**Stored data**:
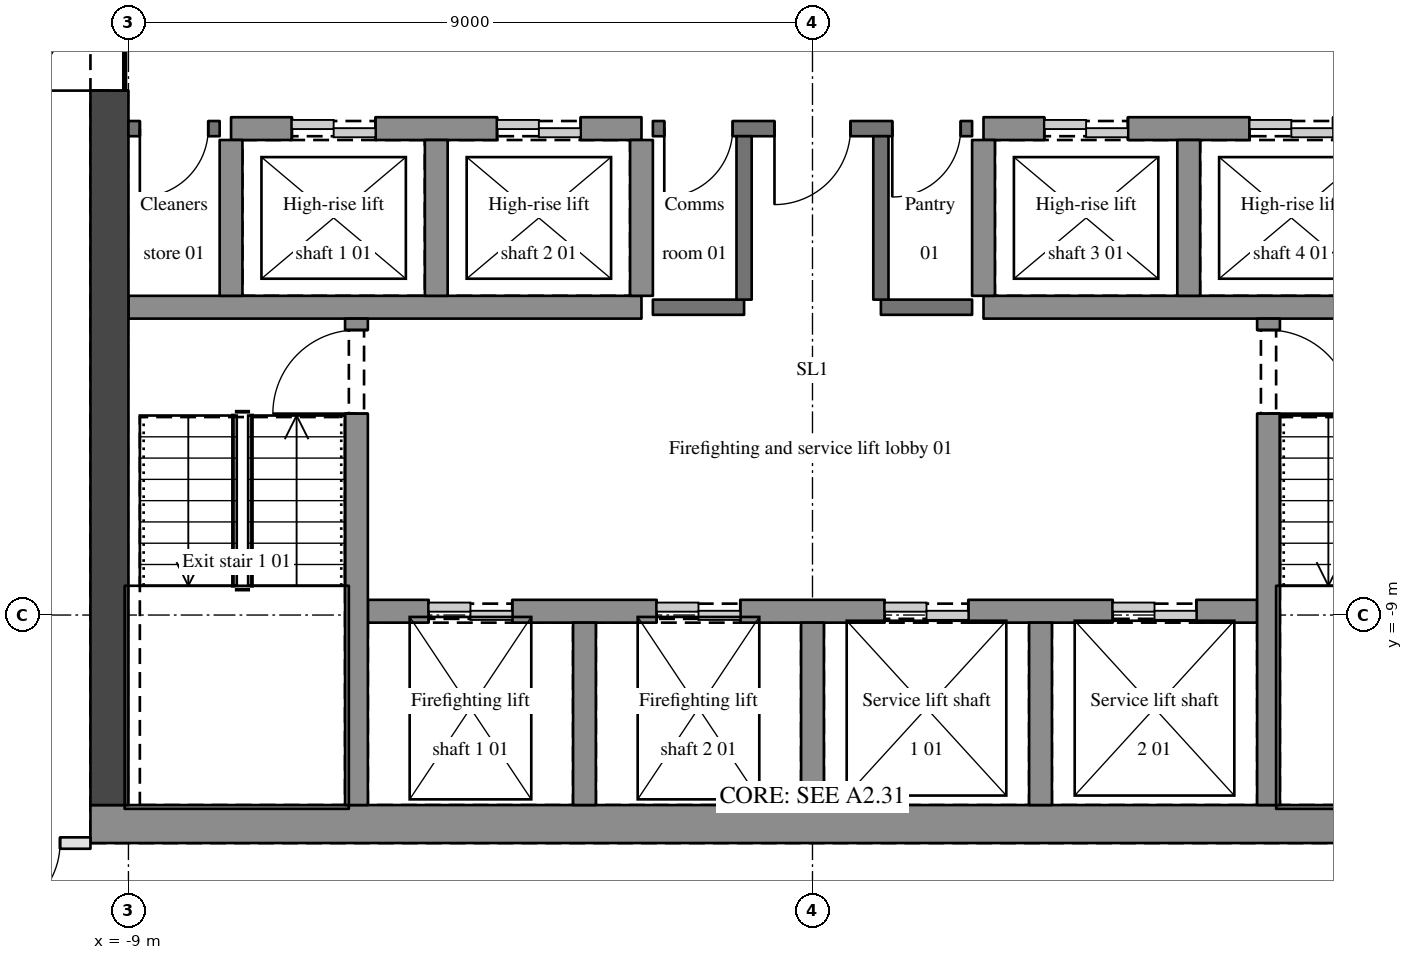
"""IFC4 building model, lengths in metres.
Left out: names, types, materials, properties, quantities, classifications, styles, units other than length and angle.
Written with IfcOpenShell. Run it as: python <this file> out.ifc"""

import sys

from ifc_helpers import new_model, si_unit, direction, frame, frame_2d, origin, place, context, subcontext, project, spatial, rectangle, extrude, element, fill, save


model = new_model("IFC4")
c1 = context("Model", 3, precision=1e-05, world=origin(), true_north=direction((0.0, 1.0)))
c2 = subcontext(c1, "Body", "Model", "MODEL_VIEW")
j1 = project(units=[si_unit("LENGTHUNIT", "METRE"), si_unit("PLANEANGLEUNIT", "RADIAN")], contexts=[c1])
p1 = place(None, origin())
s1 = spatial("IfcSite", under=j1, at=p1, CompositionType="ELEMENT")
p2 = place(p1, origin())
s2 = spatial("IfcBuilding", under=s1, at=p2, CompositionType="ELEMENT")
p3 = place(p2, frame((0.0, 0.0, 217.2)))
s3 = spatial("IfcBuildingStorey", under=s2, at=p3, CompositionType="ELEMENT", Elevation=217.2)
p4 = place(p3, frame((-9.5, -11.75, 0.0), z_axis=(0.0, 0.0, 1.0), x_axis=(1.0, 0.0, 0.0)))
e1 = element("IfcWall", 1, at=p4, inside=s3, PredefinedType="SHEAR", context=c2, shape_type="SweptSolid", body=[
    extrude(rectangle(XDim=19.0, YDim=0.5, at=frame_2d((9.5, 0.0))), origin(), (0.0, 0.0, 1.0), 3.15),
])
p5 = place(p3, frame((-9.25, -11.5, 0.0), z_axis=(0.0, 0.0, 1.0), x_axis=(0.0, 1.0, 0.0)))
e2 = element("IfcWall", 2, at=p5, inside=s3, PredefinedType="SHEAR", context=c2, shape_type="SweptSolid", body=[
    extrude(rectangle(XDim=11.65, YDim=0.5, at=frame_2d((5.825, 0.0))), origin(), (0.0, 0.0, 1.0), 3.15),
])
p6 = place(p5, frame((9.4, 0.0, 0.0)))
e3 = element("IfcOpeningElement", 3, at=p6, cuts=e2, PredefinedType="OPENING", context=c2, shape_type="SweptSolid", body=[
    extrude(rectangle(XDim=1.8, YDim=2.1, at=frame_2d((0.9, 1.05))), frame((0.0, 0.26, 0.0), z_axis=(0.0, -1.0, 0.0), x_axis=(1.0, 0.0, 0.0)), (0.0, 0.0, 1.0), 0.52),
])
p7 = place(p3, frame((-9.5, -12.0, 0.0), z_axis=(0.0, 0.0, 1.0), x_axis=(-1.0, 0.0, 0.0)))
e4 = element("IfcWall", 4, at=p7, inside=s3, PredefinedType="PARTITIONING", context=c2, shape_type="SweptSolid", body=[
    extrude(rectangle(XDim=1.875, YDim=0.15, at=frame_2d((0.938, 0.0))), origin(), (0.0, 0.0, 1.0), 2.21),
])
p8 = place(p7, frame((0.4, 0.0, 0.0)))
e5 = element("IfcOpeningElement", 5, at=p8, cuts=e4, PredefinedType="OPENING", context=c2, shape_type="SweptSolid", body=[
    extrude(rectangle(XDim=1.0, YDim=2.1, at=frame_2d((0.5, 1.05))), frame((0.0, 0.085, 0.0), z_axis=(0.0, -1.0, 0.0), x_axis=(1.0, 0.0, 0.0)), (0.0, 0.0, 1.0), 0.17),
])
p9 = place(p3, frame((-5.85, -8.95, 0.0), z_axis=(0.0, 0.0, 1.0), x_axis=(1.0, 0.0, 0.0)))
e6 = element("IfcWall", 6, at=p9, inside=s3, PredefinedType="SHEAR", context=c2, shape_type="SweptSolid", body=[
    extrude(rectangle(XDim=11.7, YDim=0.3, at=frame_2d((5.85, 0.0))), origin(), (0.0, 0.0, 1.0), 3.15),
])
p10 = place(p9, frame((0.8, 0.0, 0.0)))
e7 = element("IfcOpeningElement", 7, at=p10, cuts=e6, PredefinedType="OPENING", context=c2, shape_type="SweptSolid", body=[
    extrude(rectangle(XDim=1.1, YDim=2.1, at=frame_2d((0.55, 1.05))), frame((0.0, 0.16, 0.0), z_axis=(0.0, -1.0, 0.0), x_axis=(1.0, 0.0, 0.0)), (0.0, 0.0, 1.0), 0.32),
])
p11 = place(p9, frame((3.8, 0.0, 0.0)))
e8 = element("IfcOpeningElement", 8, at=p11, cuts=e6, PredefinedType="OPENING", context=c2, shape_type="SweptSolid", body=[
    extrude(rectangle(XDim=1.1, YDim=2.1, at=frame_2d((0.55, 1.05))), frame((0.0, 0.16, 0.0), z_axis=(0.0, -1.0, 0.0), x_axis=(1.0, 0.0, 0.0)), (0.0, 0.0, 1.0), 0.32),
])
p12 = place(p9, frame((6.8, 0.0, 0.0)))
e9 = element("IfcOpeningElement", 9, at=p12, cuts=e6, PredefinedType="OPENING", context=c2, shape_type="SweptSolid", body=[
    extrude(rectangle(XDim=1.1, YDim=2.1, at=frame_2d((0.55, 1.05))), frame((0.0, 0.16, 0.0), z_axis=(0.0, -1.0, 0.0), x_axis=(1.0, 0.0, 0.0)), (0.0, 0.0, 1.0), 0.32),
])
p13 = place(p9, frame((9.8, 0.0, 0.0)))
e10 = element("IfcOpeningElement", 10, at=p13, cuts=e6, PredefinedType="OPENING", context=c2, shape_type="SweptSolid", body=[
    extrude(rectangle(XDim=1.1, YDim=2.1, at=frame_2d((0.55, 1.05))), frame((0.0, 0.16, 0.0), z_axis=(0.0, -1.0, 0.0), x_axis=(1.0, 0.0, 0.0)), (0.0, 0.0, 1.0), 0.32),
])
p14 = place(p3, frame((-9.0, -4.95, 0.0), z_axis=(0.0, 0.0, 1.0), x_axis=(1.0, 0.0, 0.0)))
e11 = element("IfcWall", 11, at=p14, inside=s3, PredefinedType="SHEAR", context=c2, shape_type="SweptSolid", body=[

**Exercise objective**: Leave out the pictures, and give all the records again exactly.

**Reply**:
"""IFC4 building model, lengths in metres.
Left out: names, types, materials, properties, quantities, classifications, styles, units other than length and angle.
Written with IfcOpenShell. Run it as: python <this file> out.ifc"""

import sys

from ifc_helpers import new_model, si_unit, direction, frame, frame_2d, origin, place, context, subcontext, project, spatial, rectangle, extrude, element, fill, save


model = new_model("IFC4")
c1 = context("Model", 3, precision=1e-05, world=origin(), true_north=direction((0.0, 1.0)))
c2 = subcontext(c1, "Body", "Model", "MODEL_VIEW")
j1 = project(units=[si_unit("LENGTHUNIT", "METRE"), si_unit("PLANEANGLEUNIT", "RADIAN")], contexts=[c1])
p1 = place(None, origin())
s1 = spatial("IfcSite", under=j1, at=p1, CompositionType="ELEMENT")
p2 = place(p1, origin())
s2 = spatial("IfcBuilding", under=s1, at=p2, CompositionType="ELEMENT")
p3 = place(p2, frame((0.0, 0.0, 217.2)))
s3 = spatial("IfcBuildingStorey", under=s2, at=p3, CompositionType="ELEMENT", Elevation=217.2)
p4 = place(p3, frame((-9.5, -11.75, 0.0), z_axis=(0.0, 0.0, 1.0), x_axis=(1.0, 0.0, 0.0)))
e1 = element("IfcWall", 1, at=p4, inside=s3, PredefinedType="SHEAR", context=c2, shape_type="SweptSolid", body=[
    extrude(rectangle(XDim=19.0, YDim=0.5, at=frame_2d((9.5, 0.0))), origin(), (0.0, 0.0, 1.0), 3.15),
])
p5 = place(p3, frame((-9.25, -11.5, 0.0), z_axis=(0.0, 0.0, 1.0), x_axis=(0.0, 1.0, 0.0)))
e2 = element("IfcWall", 2, at=p5, inside=s3, PredefinedType="SHEAR", context=c2, shape_type="SweptSolid", body=[
    extrude(rectangle(XDim=11.65, YDim=0.5, at=frame_2d((5.825, 0.0))), origin(), (0.0, 0.0, 1.0), 3.15),
])
p6 = place(p5, frame((9.4, 0.0, 0.0)))
e3 = element("IfcOpeningElement", 3, at=p6, cuts=e2, PredefinedType="OPENING", context=c2, shape_type="SweptSolid", body=[
    extrude(rectangle(XDim=1.8, YDim=2.1, at=frame_2d((0.9, 1.05))), frame((0.0, 0.26, 0.0), z_axis=(0.0, -1.0, 0.0), x_axis=(1.0, 0.0, 0.0)), (0.0, 0.0, 1.0), 0.52),
])
p7 = place(p3, frame((-9.5, -12.0, 0.0), z_axis=(0.0, 0.0, 1.0), x_axis=(-1.0, 0.0, 0.0)))
e4 = element("IfcWall", 4, at=p7, inside=s3, PredefinedType="PARTITIONING", context=c2, shape_type="SweptSolid", body=[
    extrude(rectangle(XDim=1.875, YDim=0.15, at=frame_2d((0.938, 0.0))), origin(), (0.0, 0.0, 1.0), 2.21),
])
p8 = place(p7, frame((0.4, 0.0, 0.0)))
e5 = element("IfcOpeningElement", 5, at=p8, cuts=e4, PredefinedType="OPENING", context=c2, shape_type="SweptSolid", body=[
    extrude(rectangle(XDim=1.0, YDim=2.1, at=frame_2d((0.5, 1.05))), frame((0.0, 0.085, 0.0), z_axis=(0.0, -1.0, 0.0), x_axis=(1.0, 0.0, 0.0)), (0.0, 0.0, 1.0), 0.17),
])
p9 = place(p3, frame((-5.85, -8.95, 0.0), z_axis=(0.0, 0.0, 1.0), x_axis=(1.0, 0.0, 0.0)))
e6 = element("IfcWall", 6, at=p9, inside=s3, PredefinedType="SHEAR", context=c2, shape_type="SweptSolid", body=[
    extrude(rectangle(XDim=11.7, YDim=0.3, at=frame_2d((5.85, 0.0))), origin(), (0.0, 0.0, 1.0), 3.15),
])
p10 = place(p9, frame((0.8, 0.0, 0.0)))
e7 = element("IfcOpeningElement", 7, at=p10, cuts=e6, PredefinedType="OPENING", context=c2, shape_type="SweptSolid", body=[
    extrude(rectangle(XDim=1.1, YDim=2.1, at=frame_2d((0.55, 1.05))), frame((0.0, 0.16, 0.0), z_axis=(0.0, -1.0, 0.0), x_axis=(1.0, 0.0, 0.0)), (0.0, 0.0, 1.0), 0.32),
])
p11 = place(p9, frame((3.8, 0.0, 0.0)))
e8 = element("IfcOpeningElement", 8, at=p11, cuts=e6, PredefinedType="OPENING", context=c2, shape_type="SweptSolid", body=[
    extrude(rectangle(XDim=1.1, YDim=2.1, at=frame_2d((0.55, 1.05))), frame((0.0, 0.16, 0.0), z_axis=(0.0, -1.0, 0.0), x_axis=(1.0, 0.0, 0.0)), (0.0, 0.0, 1.0), 0.32),
])
p12 = place(p9, frame((6.8, 0.0, 0.0)))
e9 = element("IfcOpeningElement", 9, at=p12, cuts=e6, PredefinedType="OPENING", context=c2, shape_type="SweptSolid", body=[
    extrude(rectangle(XDim=1.1, YDim=2.1, at=frame_2d((0.55, 1.05))), frame((0.0, 0.16, 0.0), z_axis=(0.0, -1.0, 0.0), x_axis=(1.0, 0.0, 0.0)), (0.0, 0.0, 1.0), 0.32),
])
p13 = place(p9, frame((9.8, 0.0, 0.0)))
e10 = element("IfcOpeningElement", 10, at=p13, cuts=e6, PredefinedType="OPENING", context=c2, shape_type="SweptSolid", body=[
    extrude(rectangle(XDim=1.1, YDim=2.1, at=frame_2d((0.55, 1.05))), frame((0.0, 0.16, 0.0), z_axis=(0.0, -1.0, 0.0), x_axis=(1.0, 0.0, 0.0)), (0.0, 0.0, 1.0), 0.32),
])
p14 = place(p3, frame((-9.0, -4.95, 0.0), z_axis=(0.0, 0.0, 1.0), x_axis=(1.0, 0.0, 0.0)))
e11 = element("IfcWall", 11, at=p14, inside=s3, PredefinedType="SHEAR", context=c2, shape_type="SweptSolid", body=[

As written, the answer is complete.